### Your goal
Repeat nothing but the lines below running from the one containing "import ezdxf" to the one containing "for name, color, linetype, lineweight". Keep both end lines.

[[ Data extracts open ]]

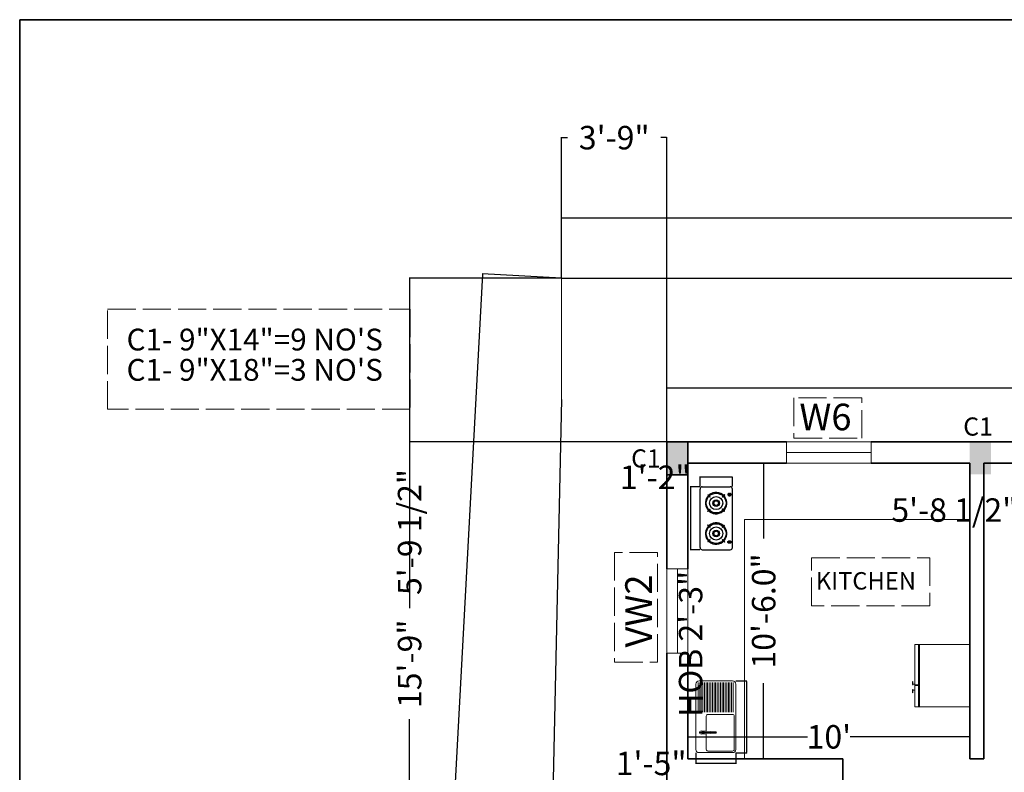
# Model space of a CAD drawing. Units: inches. Extents: x -269 to 4574, y -694 to 313.
# Tile 9 of 19: x -269 to 151, y -122 to 198. Entities that reach past the tile are written whole.
import ezdxf

# ---------------------------------------------------------------- set-up
doc = ezdxf.new("R2010")
doc.units = ezdxf.units.IN
doc.header["$MEASUREMENT"] = 0
doc.linetypes.add('ACAD_ISO02W100', pattern=[15, 12, -3])
for name, color, linetype, lineweight in [('A-ANNO-FRAM', 7, 'ACAD_ISO02W100', 13), ('A-ANNO-IDEN', 6, 'Continuous', 18), ('A-AREA-IDEN', 6, 'Continuous', 20), ('A-COLS', 5, 'Continuous', 35), ('A-COLS-IDEN', 6, 'Continuous', 18), ('A-COLS-PATT', 5, 'Continuous', 35), ('A-EQPM', 21, 'Continuous', 18), ('A-FLOR-CASE', 2, 'Continuous', 18), ('A-FLOR-FIXT', 21, 'Continuous', 18), ('BORDER', 7, 'Continuous', 35), ('C-PROP', 7, 'Continuous', 25), ('DIMENSION', 5, 'Continuous', 18), ('WALL', 1, 'Continuous', 35), ('WINDOWS', 2, 'Continuous', 18)]:
    doc.layers.add(name, color=color, linetype=linetype, lineweight=lineweight)
doc.layers.add('NOI THAT', color=42, linetype='Continuous')
doc.dimstyles.get("Standard").update_dxf_attribs({"dimtxt": 10, "dimasz": 0.18, "dimexe": 0.18, "dimexo": 0.0625, "dimgap": 0.09, "dimtad": 0, "dimdec": 1, "dimzin": 0, "dimdsep": 46, "dimlunit": 3, "dimtxsty": 'Standard', "dimcen": 0.09, "dimclrt": 7, "dimadec": 0, "dimazin": 0, "dimtfac": 1, "dimtdec": 1, "dimtofl": 0, "dimtmove": 0, "dimatfit": 3, "dimfxl": 1, "dimtolj": 1, "dimtzin": 0, "dimarcsym": 0})

# ---------------------------------------------------------------- blocks, each defined once
blk = doc.blocks.new('*D1')
at = {"layer": 'Defpoints', "color": 0, "lineweight": 0, "transparency": 16777216}
for p in [(451.14, 41.26), (7.14, 18.27), (451.14, 18.27)]:
    blk.add_point(p, dxfattribs=at)
at = {"layer": 'DIMENSION', "color": 0, "lineweight": -2, "transparency": 16777216}
for p, q in [((7.14, 18.33), (7.14, 41.44)), ((7.32, 41.26), (219.05, 41.26)), ((450.96, 41.26), (239.23, 41.26)), ((451.14, 18.33), (451.14, 41.44))]:
    blk.add_line(p, q, dxfattribs=at)
at = {"layer": 'DIMENSION', "color": 0, "lineweight": 0, "transparency": 16777216}
for points in [[(7.32, 41.29), (7.32, 41.23), (7.14, 41.26)], [(450.96, 41.29), (450.96, 41.23), (451.14, 41.26)]]:
    blk.add_solid(points, dxfattribs=at)
at = {"layer": 'DIMENSION', "color": 0, "transparency": 16777216, "insert": (229.14, 41.26), "char_height": 10, "attachment_point": 5}
blk.add_mtext("\\A1;37'", dxfattribs=at)
blk = doc.blocks.new('SINK90X50')
for p, q in [((-57, 553), (-430, 553)), ((-57, 533), (-430, 533)), ((-57, 513), (-430, 513)), ((192, 455), (177, 516)), ((187, 334), (177, 516)), ((197, 536), (197, 324)), ((202, 455), (217, 516)), ((207, 334), (217, 516)), ((-57, 493), (-430, 493)), ((-57, 473), (-430, 473)), ((-57, 453), (-430, 453)), ((-57, 433), (-430, 433)), ((-57, 413), (-430, 413)), ((-57, 393), (-430, 393)), ((-57, 373), (-430, 373)), ((-57, 353), (-430, 353)), ((-57, 333), (-430, 333)), ((-57, 313), (-430, 313)), ((-57, 293), (-430, 293)), ((-57, 273), (-430, 273)), ((-57, 253), (-430, 253)), ((-57, 233), (-430, 233)), ((-57, 213), (-430, 213)), ((-57, 193), (-430, 193)), ((-57, 173), (-430, 173)), ((-57, 153), (-430, 153)), ((-57, 133), (-430, 133)), ((-57, 113), (-430, 113))]:
    blk.add_line(p, q)
blk.add_lwpolyline([(450, 540, 0.414214), (410, 580), (-410, 580, 0.414214), (-450, 540), (-450, 120, 0.414214), (-410, 80), (410, 80, 0.414214), (450, 120)], format="xyb", close=True)
blk.add_lwpolyline([(181, 450), (-10, 450, 0.414214), (-30, 430), (-30, 120, 0.414214), (-10, 100), (410, 100, 0.414214), (430, 120), (430, 430, 0.414214), (410, 450), (214, 450)], format="xyb")
for centre, radius, start, end in [((197, 516), 20, 351.3062, 188.6938), ((197, 455), 5, 180, 0), ((197, 334), 10, 180, 0)]:
    blk.add_arc(centre, radius, start, end)
for points in [[(187, 506), (181, 513), (189, 496), (197, 479)], [(207, 506), (214, 513), (206, 496), (197, 479)]]:
    blk.add_open_spline(points, degree=3)
blk = doc.blocks.new('A$C2C6C0730')
at = {"layer": 'NOI THAT'}
for p, q in [((0, 1353), (0, 50)), ((670, 1403), (50, 1403)), ((720, 1353), (720, 50)), ((670, 0), (50, 0))]:
    blk.add_line(p, q, dxfattribs=at)
for points in [[(66, 1257, -0.070182), (81, 1254, -0.081942), (93, 1249, -0.106897), (102, 1239, -0.135195), (105, 1230, -0.135195), (102, 1220, -0.106897), (93, 1210, -0.081942), (81, 1205, -0.070182), (66, 1203, -0.070182), (50, 1205, -0.081942), (38, 1210, -0.106897), (30, 1220, -0.135195), (27, 1230, -0.135195), (30, 1239, -0.106897), (38, 1249, -0.081942), (50, 1254, -0.070182)], [(66, 146, 0.070182), (81, 148, 0.081942), (93, 154, 0.106897), (102, 163, 0.135195), (105, 173, 0.135195), (102, 183, 0.106897), (93, 192, 0.081942), (81, 198, 0.070182), (66, 200, 0.070182), (50, 198, 0.081942), (38, 192, 0.106897), (30, 183, 0.135195), (27, 173, 0.135195), (30, 163, 0.106897), (38, 154, 0.081942), (50, 148, 0.070182)]]:
    blk.add_lwpolyline(points, format="xyb", close=True, dxfattribs=at)
for points in [[(68, 1203), (68, 1257), (62, 1257), (62, 1203)], [(220, 1175), (171, 1223), (179, 1230), (227, 1182)], [(541, 1226), (493, 1177), (500, 1170), (548, 1219)], [(176, 861), (224, 909), (232, 902), (183, 853)], [(497, 897), (546, 849), (553, 856), (505, 904)], [(176, 542), (224, 494), (232, 501), (183, 550)], [(497, 506), (546, 554), (553, 547), (505, 498)], [(220, 228), (171, 180), (179, 172), (227, 221)], [(541, 177), (493, 225), (500, 233), (548, 184)], [(68, 200), (68, 146), (62, 146), (62, 200)]]:
    blk.add_lwpolyline(points, close=True, dxfattribs=at)
for centre, radius in [((362, 1040), 219), ((362, 1040), 145), ((362, 1040), 72.6), ((362, 1040), 51.5), ((362, 363), 219), ((362, 363), 145), ((362, 363), 72.6), ((362, 363), 51.5)]:
    blk.add_circle(centre, radius, dxfattribs=at)
for centre, radius, start, end in [((50, 1353), 50, 90, 180), ((670, 1353), 50, 0, 90), ((65, 1230), 19.4, 99.7177, 260.2823), ((65, 1230), 19.4, 279.9102, 80.0898), ((362, 1040), 238, 152.4796, 149.9329), ((362, 363), 238, 210.0671, 207.5204), ((50, 50), 50, 180, 270), ((65, 173), 19.4, 99.7177, 260.2823), ((65, 173), 19.4, 279.9102, 80.0898), ((670, 50), 50, 270, 0)]:
    blk.add_arc(centre, radius, start, end, dxfattribs=at)
blk = doc.blocks.new('*D16')
at = {"layer": 'Defpoints', "color": 0, "lineweight": 0, "transparency": 16777216}
for p in [(16.14, -107.35), (16.14, -116.73), (136.14, -116.73)]:
    blk.add_point(p, dxfattribs=at)
at = {"layer": 'DIMENSION', "color": 0, "lineweight": -2, "transparency": 16777216}
for p, q in [((16.14, -116.67), (16.14, -107.17)), ((16.32, -107.35), (67, -107.35)), ((135.96, -107.35), (85.27, -107.35)), ((136.14, -116.67), (136.14, -107.17))]:
    blk.add_line(p, q, dxfattribs=at)
at = {"layer": 'DIMENSION', "color": 0, "lineweight": 0, "transparency": 16777216}
for points in [[(16.32, -107.32), (16.32, -107.38), (16.14, -107.35)], [(135.96, -107.32), (135.96, -107.38), (136.14, -107.35)]]:
    blk.add_solid(points, dxfattribs=at)
at = {"layer": 'DIMENSION', "color": 0, "transparency": 16777216, "insert": (76.14, -107.35), "char_height": 10, "attachment_point": 5}
blk.add_mtext("\\A1;10'", dxfattribs=at)
blk = doc.blocks.new('*D17')
at = {"layer": 'Defpoints', "color": 0, "lineweight": 0, "transparency": 16777216}
for p in [(40.14, 9.27), (48.37, 9.27), (40.14, -116.73)]:
    blk.add_point(p, dxfattribs=at)
at = {"layer": 'DIMENSION', "color": 0, "lineweight": -2, "transparency": 16777216}
for p, q in [((40.2, 9.27), (48.55, 9.27)), ((48.37, 9.09), (48.37, -22.93)), ((48.37, -116.55), (48.37, -84.54)), ((40.2, -116.73), (48.55, -116.73))]:
    blk.add_line(p, q, dxfattribs=at)
at = {"layer": 'DIMENSION', "color": 0, "lineweight": 0, "transparency": 16777216}
for points in [[(48.34, 9.09), (48.4, 9.09), (48.37, 9.27)], [(48.34, -116.55), (48.4, -116.55), (48.37, -116.73)]]:
    blk.add_solid(points, dxfattribs=at)
at = {"layer": 'DIMENSION', "color": 0, "transparency": 16777216, "insert": (48.37, -53.73), "char_height": 10, "attachment_point": 5, "rotation": 90}
blk.add_mtext('\\A1;10\'-6.0"', dxfattribs=at)
blk = doc.blocks.new('*D32')
at = {"layer": 'Defpoints', "color": 0, "lineweight": 0, "transparency": 16777216}
for p in [(-37.71, 113.85), (478.29, 113.67), (478.29, 113.64)]:
    blk.add_point(p, dxfattribs=at)
at = {"layer": 'DIMENSION', "color": 0, "lineweight": -2, "transparency": 16777216}
for p, q in [((-37.71, 113.79), (-37.71, 113.46)), ((-37.53, 113.64), (210.2, 113.64)), ((478.11, 113.64), (230.38, 113.64)), ((478.29, 113.61), (478.29, 113.46))]:
    blk.add_line(p, q, dxfattribs=at)
at = {"layer": 'DIMENSION', "color": 0, "lineweight": 0, "transparency": 16777216}
for points in [[(-37.53, 113.67), (-37.53, 113.61), (-37.71, 113.64)], [(478.11, 113.67), (478.11, 113.61), (478.29, 113.64)]]:
    blk.add_solid(points, dxfattribs=at)
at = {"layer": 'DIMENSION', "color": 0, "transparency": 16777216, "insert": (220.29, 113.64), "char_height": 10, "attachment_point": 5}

[[ Data extracts closed ]]

### Answer area
import ezdxf

# ---------------------------------------------------------------- set-up
doc = ezdxf.new("R2010")
doc.units = ezdxf.units.IN
doc.header["$MEASUREMENT"] = 0
doc.linetypes.add('ACAD_ISO02W100', pattern=[15, 12, -3])
for name, color, linetype, lineweight in [('A-ANNO-FRAM', 7, 'ACAD_ISO02W100', 13), ('A-ANNO-IDEN', 6, 'Continuous', 18), ('A-AREA-IDEN', 6, 'Continuous', 20), ('A-COLS', 5, 'Continuous', 35), ('A-COLS-IDEN', 6, 'Continuous', 18), ('A-COLS-PATT', 5, 'Continuous', 35), ('A-EQPM', 21, 'Continuous', 18), ('A-FLOR-CASE', 2, 'Continuous', 18), ('A-FLOR-FIXT', 21, 'Continuous', 18), ('BORDER', 7, 'Continuous', 35), ('C-PROP', 7, 'Continuous', 25), ('DIMENSION', 5, 'Continuous', 18), ('WALL', 1, 'Continuous', 35), ('WINDOWS', 2, 'Continuous', 18)]:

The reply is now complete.